Please retype the entries below exactly, only from their first line through the line containing "#52=CARTESIAN_POINT('',(2.094,-4.513,3.37));", leaving every picture out.

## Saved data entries
◆ ◆ ◆ ◆ ◆ ◆ ◆
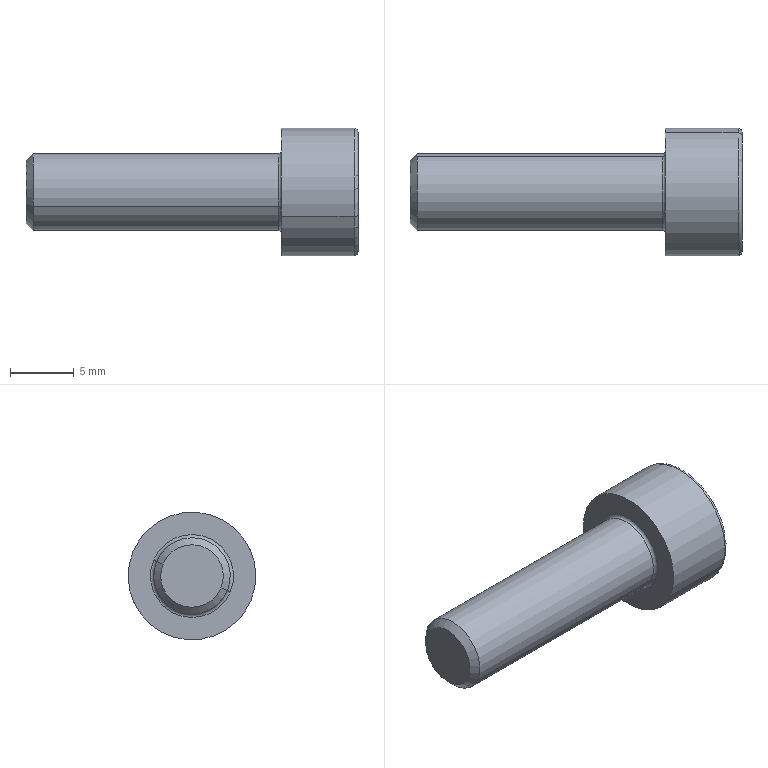Component | SolidWorks | bearing dan rumahan assembly-1_socket head cap screw_iso_M6x20-2 | 1 solid | 27 faces | box 26 x 10 x 10 mm | volume 957 mm3 | plane 15 | cone 4 | torus 4 | cylinder 4 | commonest cylinder face diameters 10 x2 6 x2
STEP:
#1=CARTESIAN_POINT('',(1.931,-4.331,3.445));
#2=VERTEX_POINT('',#1);
#3=CARTESIAN_POINT('',(1.988,-4.238,3.483));
#4=VERTEX_POINT('',#3);
#5=CARTESIAN_POINT('',(1.988,-4.238,3.483));
#6=DIRECTION('',(0.5,0.8004,0.3307));
#7=VECTOR('',#6,39.37);
#8=LINE('',#5,#7);
#9=EDGE_CURVE('',#2,#4,#8,.T.);
#10=ORIENTED_EDGE('',*,*,#9,.F.);
#11=CARTESIAN_POINT('',(1.988,-4.423,3.407));
#12=VERTEX_POINT('',#11);
#13=CARTESIAN_POINT('',(1.988,-4.423,3.407));
#14=DIRECTION('',(0.5,-0.8004,-0.3307));
#15=VECTOR('',#14,39.37);
#16=LINE('',#13,#15);
#17=EDGE_CURVE('',#2,#12,#16,.T.);
#18=ORIENTED_EDGE('',*,*,#17,.T.);
#19=CARTESIAN_POINT('',(1.988,-4.344,3.346));
#20=VERTEX_POINT('',#19);
#21=CARTESIAN_POINT('',(1.988,-4.331,3.445));
#22=DIRECTION('',(1.,0.,0.));
#23=DIRECTION('',(0.,0.9242,0.3818));
#24=AXIS2_PLACEMENT_3D('',#21,#22,#23);
#25=CIRCLE('',#24,0.0998);
#26=EDGE_CURVE('',#12,#20,#25,.T.);
#27=ORIENTED_EDGE('',*,*,#26,.T.);
#28=CARTESIAN_POINT('',(1.988,-4.252,3.384));
#29=VERTEX_POINT('',#28);
#30=CARTESIAN_POINT('',(1.988,-4.331,3.445));
#31=DIRECTION('',(1.,0.,0.));
#32=DIRECTION('',(0.,0.9242,0.3818));
#33=AXIS2_PLACEMENT_3D('',#30,#31,#32);
#34=CIRCLE('',#33,0.0998);
#35=EDGE_CURVE('',#20,#29,#34,.T.);
#36=ORIENTED_EDGE('',*,*,#35,.T.);
#37=CARTESIAN_POINT('',(1.988,-4.331,3.445));
#38=DIRECTION('',(1.,0.,0.));
#39=DIRECTION('',(0.,0.9242,0.3818));
#40=AXIS2_PLACEMENT_3D('',#37,#38,#39);
#41=CIRCLE('',#40,0.0998);
#42=EDGE_CURVE('',#29,#4,#41,.T.);
#43=ORIENTED_EDGE('',*,*,#42,.T.);
#44=EDGE_LOOP('',(#10,#18,#27,#36,#43));
#45=FACE_OUTER_BOUND('',#44,.T.);
#46=CARTESIAN_POINT('',(1.988,-4.331,3.445));
#47=DIRECTION('',(1.,0.,0.));
#48=DIRECTION('',(0.,0.9242,0.3818));
#49=AXIS2_PLACEMENT_3D('',#46,#47,#48);
#50=CONICAL_SURFACE('',#49,0.0998,1.047);
#51=ADVANCED_FACE('',(#45),#50,.F.);
#52=CARTESIAN_POINT('',(2.094,-4.513,3.37));
#53=VERTEX_POINT('',#52);
#54=CARTESIAN_POINT('',(2.094,-4.149,3.52));
#55=VERTEX_POINT('',#54);
#56=CARTESIAN_POINT('',(2.094,-4.331,3.445));
#57=DIRECTION('',(-1.,0.,0.));
#58=DIRECTION('',(0.,0.9242,0.3818));
#59=AXIS2_PLACEMENT_3D('',#56,#57,#58);
#60=CIRCLE('',#59,0.1969);
#61=EDGE_CURVE('',#53,#55,#60,.T.);
#62=ORIENTED_EDGE('',*,*,#61,.F.);
#63=CARTESIAN_POINT('',(2.106,-4.502,3.374));
#64=VERTEX_POINT('',#63);
#65=CARTESIAN_POINT('',(2.094,-4.502,3.374));
#66=DIRECTION('',(0.,-0.3818,0.9242));
#67=DIRECTION('',(0.,-0.9242,-0.3818));
#68=AXIS2_PLACEMENT_3D('',#65,#66,#67);
#69=CIRCLE('',#68,0.01181);
#70=EDGE_CURVE('',#53,#64,#69,.T.);
#71=ORIENTED_EDGE('',*,*,#70,.T.);
#72=CARTESIAN_POINT('',(2.106,-4.16,3.516));
#73=VERTEX_POINT('',#72);
#74=CARTESIAN_POINT('',(2.106,-4.331,3.445));
#75=DIRECTION('',(1.,0.,0.));
#76=DIRECTION('',(0.,0.9242,0.3818));
#77=AXIS2_PLACEMENT_3D('',#74,#75,#76);
#78=CIRCLE('',#77,0.185);
#79=EDGE_CURVE('',#73,#64,#78,.T.);
#80=ORIENTED_EDGE('',*,*,#79,.F.);
#81=CARTESIAN_POINT('',(2.094,-4.16,3.516));
#82=DIRECTION('',(0.,0.3818,-0.9242));
#83=DIRECTION('',(0.,0.9242,0.3818));
#84=AXIS2_PLACEMENT_3D('',#81,#82,#83);
#85=CIRCLE('',#84,0.01181);
#86=EDGE_CURVE('',#55,#73,#85,.T.);
#87=ORIENTED_EDGE('',*,*,#86,.F.);
#88=EDGE_LOOP('',(#62,#71,#80,#87));
#89=FACE_OUTER_BOUND('',#88,.T.);
#90=CARTESIAN_POINT('',(2.094,-4.331,3.445));
#91=DIRECTION('',(1.,0.,0.));
#92=DIRECTION('',(0.,0.9242,0.3818));
#93=AXIS2_PLACEMENT_3D('',#90,#91,#92);
#94=TOROIDAL_SURFACE('',#93,0.185,0.01181);
#95=ADVANCED_FACE('',(#89),#94,.T.);
#96=CARTESIAN_POINT('',(1.86,-4.222,3.49));
#97=VERTEX_POINT('',#96);
#98=CARTESIAN_POINT('',(1.86,-4.44,3.4));
#99=VERTEX_POINT('',#98);
#100=CARTESIAN_POINT('',(1.86,-4.331,3.445));
#101=DIRECTION('',(-1.,0.,0.));
#102=DIRECTION('',(0.,-0.9242,-0.3818));
#103=AXIS2_PLACEMENT_3D('',#100,#101,#102);
#104=CIRCLE('',#103,0.1181);
#105=EDGE_CURVE('',#97,#99,#104,.T.);
#106=ORIENTED_EDGE('',*,*,#105,.F.);
#107=CARTESIAN_POINT('',(1.87,-4.212,3.494));
#108=VERTEX_POINT('',#107);
#109=CARTESIAN_POINT('',(1.86,-4.212,3.494));
#110=DIRECTION('',(0.,-0.3818,0.9242));
#111=DIRECTION('',(0.,-0.9242,-0.3818));
#112=AXIS2_PLACEMENT_3D('',#109,#110,#111);
#113=CIRCLE('',#112,0.009843);
#114=EDGE_CURVE('',#97,#108,#113,.T.);
#115=ORIENTED_EDGE('',*,*,#114,.T.);
#116=CARTESIAN_POINT('',(1.87,-4.449,3.396));
#117=VERTEX_POINT('',#116);
#118=CARTESIAN_POINT('',(1.87,-4.331,3.445));
#119=DIRECTION('',(1.,0.,0.));
#120=DIRECTION('',(0.,-0.9242,-0.3818));
#121=AXIS2_PLACEMENT_3D('',#118,#119,#120);
#122=CIRCLE('',#121,0.128);
#123=EDGE_CURVE('',#117,#108,#122,.T.);
#124=ORIENTED_EDGE('',*,*,#123,.F.);
#125=CARTESIAN_POINT('',(1.86,-4.449,3.396));
#126=DIRECTION('',(0.,0.3818,-0.9242));
#127=DIRECTION('',(0.,0.9242,0.3818));
#128=AXIS2_PLACEMENT_3D('',#125,#126,#127);
#129=CIRCLE('',#128,0.009843);
#130=EDGE_CURVE('',#99,#117,#129,.T.);
#131=ORIENTED_EDGE('',*,*,#130,.F.);
#132=EDGE_LOOP('',(#106,#115,#124,#131));
#133=FACE_OUTER_BOUND('',#132,.T.);
#134=CARTESIAN_POINT('',(1.86,-4.331,3.445));
#135=DIRECTION('',(-1.,0.,0.));
#136=DIRECTION('',(0.,-0.9242,-0.3818));
#137=AXIS2_PLACEMENT_3D('',#134,#135,#136);
#138=TOROIDAL_SURFACE('',#137,0.128,0.009843);
#139=ADVANCED_FACE('',(#133),#138,.F.);
#140=CARTESIAN_POINT('',(1.87,-4.149,3.52));
#141=VERTEX_POINT('',#140);
#142=CARTESIAN_POINT('',(1.87,-4.513,3.37));
#143=VERTEX_POINT('',#142);
#144=CARTESIAN_POINT('',(1.87,-4.331,3.445));
#145=DIRECTION('',(1.,0.,0.));
#146=DIRECTION('',(0.,0.9242,0.3818));
#147=AXIS2_PLACEMENT_3D('',#144,#145,#146);
#148=CIRCLE('',#147,0.1969);
#149=EDGE_CURVE('',#141,#143,#148,.T.);
#150=ORIENTED_EDGE('',*,*,#149,.T.);
#151=CARTESIAN_POINT('',(3.356,-4.513,3.37));
#152=DIRECTION('',(1.,0.,0.));
#153=VECTOR('',#152,39.37);
#154=LINE('',#151,#153);
#155=EDGE_CURVE('',#143,#53,#154,.T.);
#156=ORIENTED_EDGE('',*,*,#155,.T.);
#157=ORIENTED_EDGE('',*,*,#61,.T.);
#158=CARTESIAN_POINT('',(3.356,-4.149,3.52));
#159=DIRECTION('',(1.,0.,0.));
#160=VECTOR('',#159,39.37);
#161=LINE('',#158,#160);
#162=EDGE_CURVE('',#141,#55,#161,.T.);
#163=ORIENTED_EDGE('',*,*,#162,.F.);
#164=EDGE_LOOP('',(#150,#156,#157,#163));
#165=FACE_OUTER_BOUND('',#164,.T.);
#166=CARTESIAN_POINT('',(3.356,-4.331,3.445));
#167=DIRECTION('',(1.,0.,0.));
#168=DIRECTION('',(0.,0.9242,0.3818));
#169=AXIS2_PLACEMENT_3D('',#166,#167,#168);
#170=CYLINDRICAL_SURFACE('',#169,0.1969);
#171=ADVANCED_FACE('',(#165),#170,.T.);
#172=CARTESIAN_POINT('',(1.104,-4.222,3.49));
#173=VERTEX_POINT('',#172);
#174=CARTESIAN_POINT('',(1.104,-4.44,3.4));
#175=VERTEX_POINT('',#174);
#176=CARTESIAN_POINT('',(1.104,-4.331,3.445));
#177=DIRECTION('',(1.,0.,0.));
#178=DIRECTION('',(0.,0.9242,0.3818));
#179=AXIS2_PLACEMENT_3D('',#176,#177,#178);
#180=CIRCLE('',#179,0.1181);
#181=EDGE_CURVE('',#173,#175,#180,.T.);
#182=ORIENTED_EDGE('',*,*,#181,.T.);
#183=CARTESIAN_POINT('',(3.356,-4.44,3.4));
#184=DIRECTION('',(1.,0.,0.));
#185=VECTOR('',#184,39.37);
#186=LINE('',#183,#185);
#187=EDGE_CURVE('',#175,#99,#186,.T.);
#188=ORIENTED_EDGE('',*,*,#187,.T.);
#189=CARTESIAN_POINT('',(1.86,-4.331,3.445));
#190=DIRECTION('',(-1.,0.,0.));
#191=DIRECTION('',(0.,-0.9242,-0.3818));
#192=AXIS2_PLACEMENT_3D('',#189,#190,#191);
#193=CIRCLE('',#192,0.1181);
#194=EDGE_CURVE('',#99,#97,#193,.T.);
#195=ORIENTED_EDGE('',*,*,#194,.T.);
#196=CARTESIAN_POINT('',(3.356,-4.222,3.49));
#197=DIRECTION('',(1.,0.,0.));
#198=VECTOR('',#197,39.37);
#199=LINE('',#196,#198);
#200=EDGE_CURVE('',#173,#97,#199,.T.);
#201=ORIENTED_EDGE('',*,*,#200,.F.);
#202=EDGE_LOOP('',(#182,#188,#195,#201));
#203=FACE_OUTER_BOUND('',#202,.T.);
#204=CARTESIAN_POINT('',(3.356,-4.331,3.445));
#205=DIRECTION('',(1.,0.,0.));
#206=DIRECTION('',(0.,0.9242,0.3818));
#207=AXIS2_PLACEMENT_3D('',#204,#205,#206);
#208=CYLINDRICAL_SURFACE('',#207,0.1181);
#209=ADVANCED_FACE('',(#203),#208,.T.);
#210=CARTESIAN_POINT('',(1.083,-4.242,3.482));
#211=VERTEX_POINT('',#210);
#212=CARTESIAN_POINT('',(1.083,-4.42,3.408));
#213=VERTEX_POINT('',#212);
#214=CARTESIAN_POINT('',(1.083,-4.331,3.445));
#215=DIRECTION('',(1.,0.,0.));
#216=DIRECTION('',(0.,0.9242,0.3818));
#217=AXIS2_PLACEMENT_3D('',#214,#215,#216);
#218=CIRCLE('',#217,0.0965);
#219=EDGE_CURVE('',#211,#213,#218,.T.);
#220=ORIENTED_EDGE('',*,*,#219,.T.);
#221=CARTESIAN_POINT('',(1.083,-4.42,3.408));
#222=DIRECTION('',(0.7071,-0.6535,-0.27));
#223=VECTOR('',#222,39.37);
#224=LINE('',#221,#223);
#225=EDGE_CURVE('',#213,#175,#224,.T.);
#226=ORIENTED_EDGE('',*,*,#225,.T.);
#227=ORIENTED_EDGE('',*,*,#181,.F.);
#228=CARTESIAN_POINT('',(1.083,-4.242,3.482));
#229=DIRECTION('',(0.7071,0.6535,0.27));
#230=VECTOR('',#229,39.37);
#231=LINE('',#228,#230);
#232=EDGE_CURVE('',#211,#173,#231,.T.);
#233=ORIENTED_EDGE('',*,*,#232,.F.);
#234=EDGE_LOOP('',(#220,#226,#227,#233));
#235=FACE_OUTER_BOUND('',#234,.T.);
#236=CARTESIAN_POINT('',(1.083,-4.331,3.445));
#237=DIRECTION('',(1.,0.,0.));
#238=DIRECTION('',(0.,0.9242,0.3818));
#239=AXIS2_PLACEMENT_3D('',#236,#237,#238);
#240=CONICAL_SURFACE('',#239,0.0965,0.7854);
#241=ADVANCED_FACE('',(#235),#240,.T.);
#242=CARTESIAN_POINT('',(2.106,-4.375,3.551));
#243=VERTEX_POINT('',#242);
#244=CARTESIAN_POINT('',(2.106,-4.26,3.536));
#245=VERTEX_POINT('',#244);
#246=CARTESIAN_POINT('',(2.106,-4.375,3.551));
#247=DIRECTION('',(0.,0.9913,-0.1314));
#248=VECTOR('',#247,39.37);
#249=LINE('',#246,#248);
#250=EDGE_CURVE('',#243,#245,#249,.T.);
#251=ORIENTED_EDGE('',*,*,#250,.T.);
#252=CARTESIAN_POINT('',(2.106,-4.216,3.43));
#253=VERTEX_POINT('',#252);
#254=CARTESIAN_POINT('',(2.106,-4.216,3.43));
#255=DIRECTION('',(0.,-0.3818,0.9242));
#256=VECTOR('',#255,39.37);
#257=LINE('',#254,#256);
#258=EDGE_CURVE('',#253,#245,#257,.T.);
#259=ORIENTED_EDGE('',*,*,#258,.F.);
#260=CARTESIAN_POINT('',(2.106,-4.287,3.338));
#261=VERTEX_POINT('',#260);
#262=CARTESIAN_POINT('',(2.106,-4.216,3.43));
#263=DIRECTION('',(0.,-0.6095,-0.7928));
#264=VECTOR('',#263,39.37);
#265=LINE('',#262,#264);
#266=EDGE_CURVE('',#253,#261,#265,.T.);
#267=ORIENTED_EDGE('',*,*,#266,.T.);
#268=CARTESIAN_POINT('',(2.106,-4.401,3.354));
#269=VERTEX_POINT('',#268);
#270=CARTESIAN_POINT('',(2.106,-4.287,3.338));
#271=DIRECTION('',(0.,-0.9913,0.1314));
#272=VECTOR('',#271,39.37);
#273=LINE('',#270,#272);
#274=EDGE_CURVE('',#261,#269,#273,.T.);
#275=ORIENTED_EDGE('',*,*,#274,.T.);
#276=CARTESIAN_POINT('',(2.106,-4.445,3.46));
#277=VERTEX_POINT('',#276);
#278=CARTESIAN_POINT('',(2.106,-4.445,3.46));
#279=DIRECTION('',(0.,0.3818,-0.9242));
#280=VECTOR('',#279,39.37);
#281=LINE('',#278,#280);
#282=EDGE_CURVE('',#277,#269,#281,.T.);
#283=ORIENTED_EDGE('',*,*,#282,.F.);
#284=CARTESIAN_POINT('',(2.106,-4.375,3.551));
#285=DIRECTION('',(0.,-0.6095,-0.7928));
#286=VECTOR('',#285,39.37);
#287=LINE('',#284,#286);
#288=EDGE_CURVE('',#243,#277,#287,.T.);
#289=ORIENTED_EDGE('',*,*,#288,.F.);
#290=EDGE_LOOP('',(#251,#259,#267,#275,#283,#289));
#291=FACE_BOUND('',#290,.T.);
#292=ORIENTED_EDGE('',*,*,#79,.T.);
#293=CARTESIAN_POINT('',(2.106,-4.331,3.445));
#294=DIRECTION('',(1.,0.,0.));
#295=DIRECTION('',(0.,0.9242,0.3818));
#296=AXIS2_PLACEMENT_3D('',#293,#294,#295);
#297=CIRCLE('',#296,0.185);
#298=EDGE_CURVE('',#64,#73,#297,.T.);
#299=ORIENTED_EDGE('',*,*,#298,.T.);
#300=EDGE_LOOP('',(#292,#299));
#301=FACE_OUTER_BOUND('',#300,.T.);
#302=CARTESIAN_POINT('',(2.106,-4.331,3.445));
#303=DIRECTION('',(1.,0.,0.));
#304=DIRECTION('',(0.,0.9242,0.3818));
#305=AXIS2_PLACEMENT_3D('',#302,#303,#304);
#306=PLANE('',#305);
#307=ADVANCED_FACE('',(#291,#301),#306,.T.);
#308=ORIENTED_EDGE('',*,*,#219,.F.);
#309=CARTESIAN_POINT('',(1.083,-4.331,3.445));
#310=DIRECTION('',(1.,0.,0.));
#311=DIRECTION('',(0.,0.9242,0.3818));
#312=AXIS2_PLACEMENT_3D('',#309,#310,#311);
#313=CIRCLE('',#312,0.0965);
#314=EDGE_CURVE('',#213,#211,#313,.T.);
#315=ORIENTED_EDGE('',*,*,#314,.F.);
#316=EDGE_LOOP('',(#308,#315));
#317=FACE_OUTER_BOUND('',#316,.T.);
#318=CARTESIAN_POINT('',(1.083,-4.368,3.534));
#319=DIRECTION('',(-1.,0.,0.));
#320=DIRECTION('',(0.,-0.9242,-0.3818));
#321=AXIS2_PLACEMENT_3D('',#318,#319,#320);
#322=PLANE('',#321);
#323=ADVANCED_FACE('',(#317),#322,.T.);
#324=ORIENTED_EDGE('',*,*,#225,.F.);
#325=ORIENTED_EDGE('',*,*,#314,.T.);
#326=ORIENTED_EDGE('',*,*,#232,.T.);
#327=CARTESIAN_POINT('',(1.104,-4.331,3.445));
#328=DIRECTION('',(1.,0.,0.));
#329=DIRECTION('',(0.,0.9242,0.3818));
#330=AXIS2_PLACEMENT_3D('',#327,#328,#329);
#331=CIRCLE('',#330,0.1181);
#332=EDGE_CURVE('',#175,#173,#331,.T.);
#333=ORIENTED_EDGE('',*,*,#332,.F.);
#334=EDGE_LOOP('',(#324,#325,#326,#333));
#335=FACE_OUTER_BOUND('',#334,.T.);
#336=CARTESIAN_POINT('',(1.083,-4.331,3.445));
#337=DIRECTION('',(1.,0.,0.));
#338=DIRECTION('',(0.,0.9242,0.3818));
#339=AXIS2_PLACEMENT_3D('',#336,#337,#338);
#340=CONICAL_SURFACE('',#339,0.0965,0.7854);
#341=ADVANCED_FACE('',(#335),#340,.T.);
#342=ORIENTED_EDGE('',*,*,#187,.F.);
◆ ◆ ◆ ◆ ◆ ◆ ◆
## WRITTEN SOLUTION
Component | SolidWorks | bearing dan rumahan assembly-1_socket head cap screw_iso_M6x20-2 | 1 solid | 27 faces | box 26 x 10 x 10 mm | volume 957 mm3 | plane 15 | cone 4 | torus 4 | cylinder 4 | commonest cylinder face diameters 10 x2 6 x2
STEP:
#1=CARTESIAN_POINT('',(1.931,-4.331,3.445));
#2=VERTEX_POINT('',#1);
#3=CARTESIAN_POINT('',(1.988,-4.238,3.483));
#4=VERTEX_POINT('',#3);
#5=CARTESIAN_POINT('',(1.988,-4.238,3.483));
#6=DIRECTION('',(0.5,0.8004,0.3307));
#7=VECTOR('',#6,39.37);
#8=LINE('',#5,#7);
#9=EDGE_CURVE('',#2,#4,#8,.T.);
#10=ORIENTED_EDGE('',*,*,#9,.F.);
#11=CARTESIAN_POINT('',(1.988,-4.423,3.407));
#12=VERTEX_POINT('',#11);
#13=CARTESIAN_POINT('',(1.988,-4.423,3.407));
#14=DIRECTION('',(0.5,-0.8004,-0.3307));
#15=VECTOR('',#14,39.37);
#16=LINE('',#13,#15);
#17=EDGE_CURVE('',#2,#12,#16,.T.);
#18=ORIENTED_EDGE('',*,*,#17,.T.);
#19=CARTESIAN_POINT('',(1.988,-4.344,3.346));
#20=VERTEX_POINT('',#19);
#21=CARTESIAN_POINT('',(1.988,-4.331,3.445));
#22=DIRECTION('',(1.,0.,0.));
#23=DIRECTION('',(0.,0.9242,0.3818));
#24=AXIS2_PLACEMENT_3D('',#21,#22,#23);
#25=CIRCLE('',#24,0.0998);
#26=EDGE_CURVE('',#12,#20,#25,.T.);
#27=ORIENTED_EDGE('',*,*,#26,.T.);
#28=CARTESIAN_POINT('',(1.988,-4.252,3.384));
#29=VERTEX_POINT('',#28);
#30=CARTESIAN_POINT('',(1.988,-4.331,3.445));
#31=DIRECTION('',(1.,0.,0.));
#32=DIRECTION('',(0.,0.9242,0.3818));
#33=AXIS2_PLACEMENT_3D('',#30,#31,#32);
#34=CIRCLE('',#33,0.0998);
#35=EDGE_CURVE('',#20,#29,#34,.T.);
#36=ORIENTED_EDGE('',*,*,#35,.T.);
#37=CARTESIAN_POINT('',(1.988,-4.331,3.445));
#38=DIRECTION('',(1.,0.,0.));
#39=DIRECTION('',(0.,0.9242,0.3818));
#40=AXIS2_PLACEMENT_3D('',#37,#38,#39);
#41=CIRCLE('',#40,0.0998);
#42=EDGE_CURVE('',#29,#4,#41,.T.);
#43=ORIENTED_EDGE('',*,*,#42,.T.);
#44=EDGE_LOOP('',(#10,#18,#27,#36,#43));
#45=FACE_OUTER_BOUND('',#44,.T.);
#46=CARTESIAN_POINT('',(1.988,-4.331,3.445));
#47=DIRECTION('',(1.,0.,0.));
#48=DIRECTION('',(0.,0.9242,0.3818));
#49=AXIS2_PLACEMENT_3D('',#46,#47,#48);
#50=CONICAL_SURFACE('',#49,0.0998,1.047);
#51=ADVANCED_FACE('',(#45),#50,.F.);
#52=CARTESIAN_POINT('',(2.094,-4.513,3.37));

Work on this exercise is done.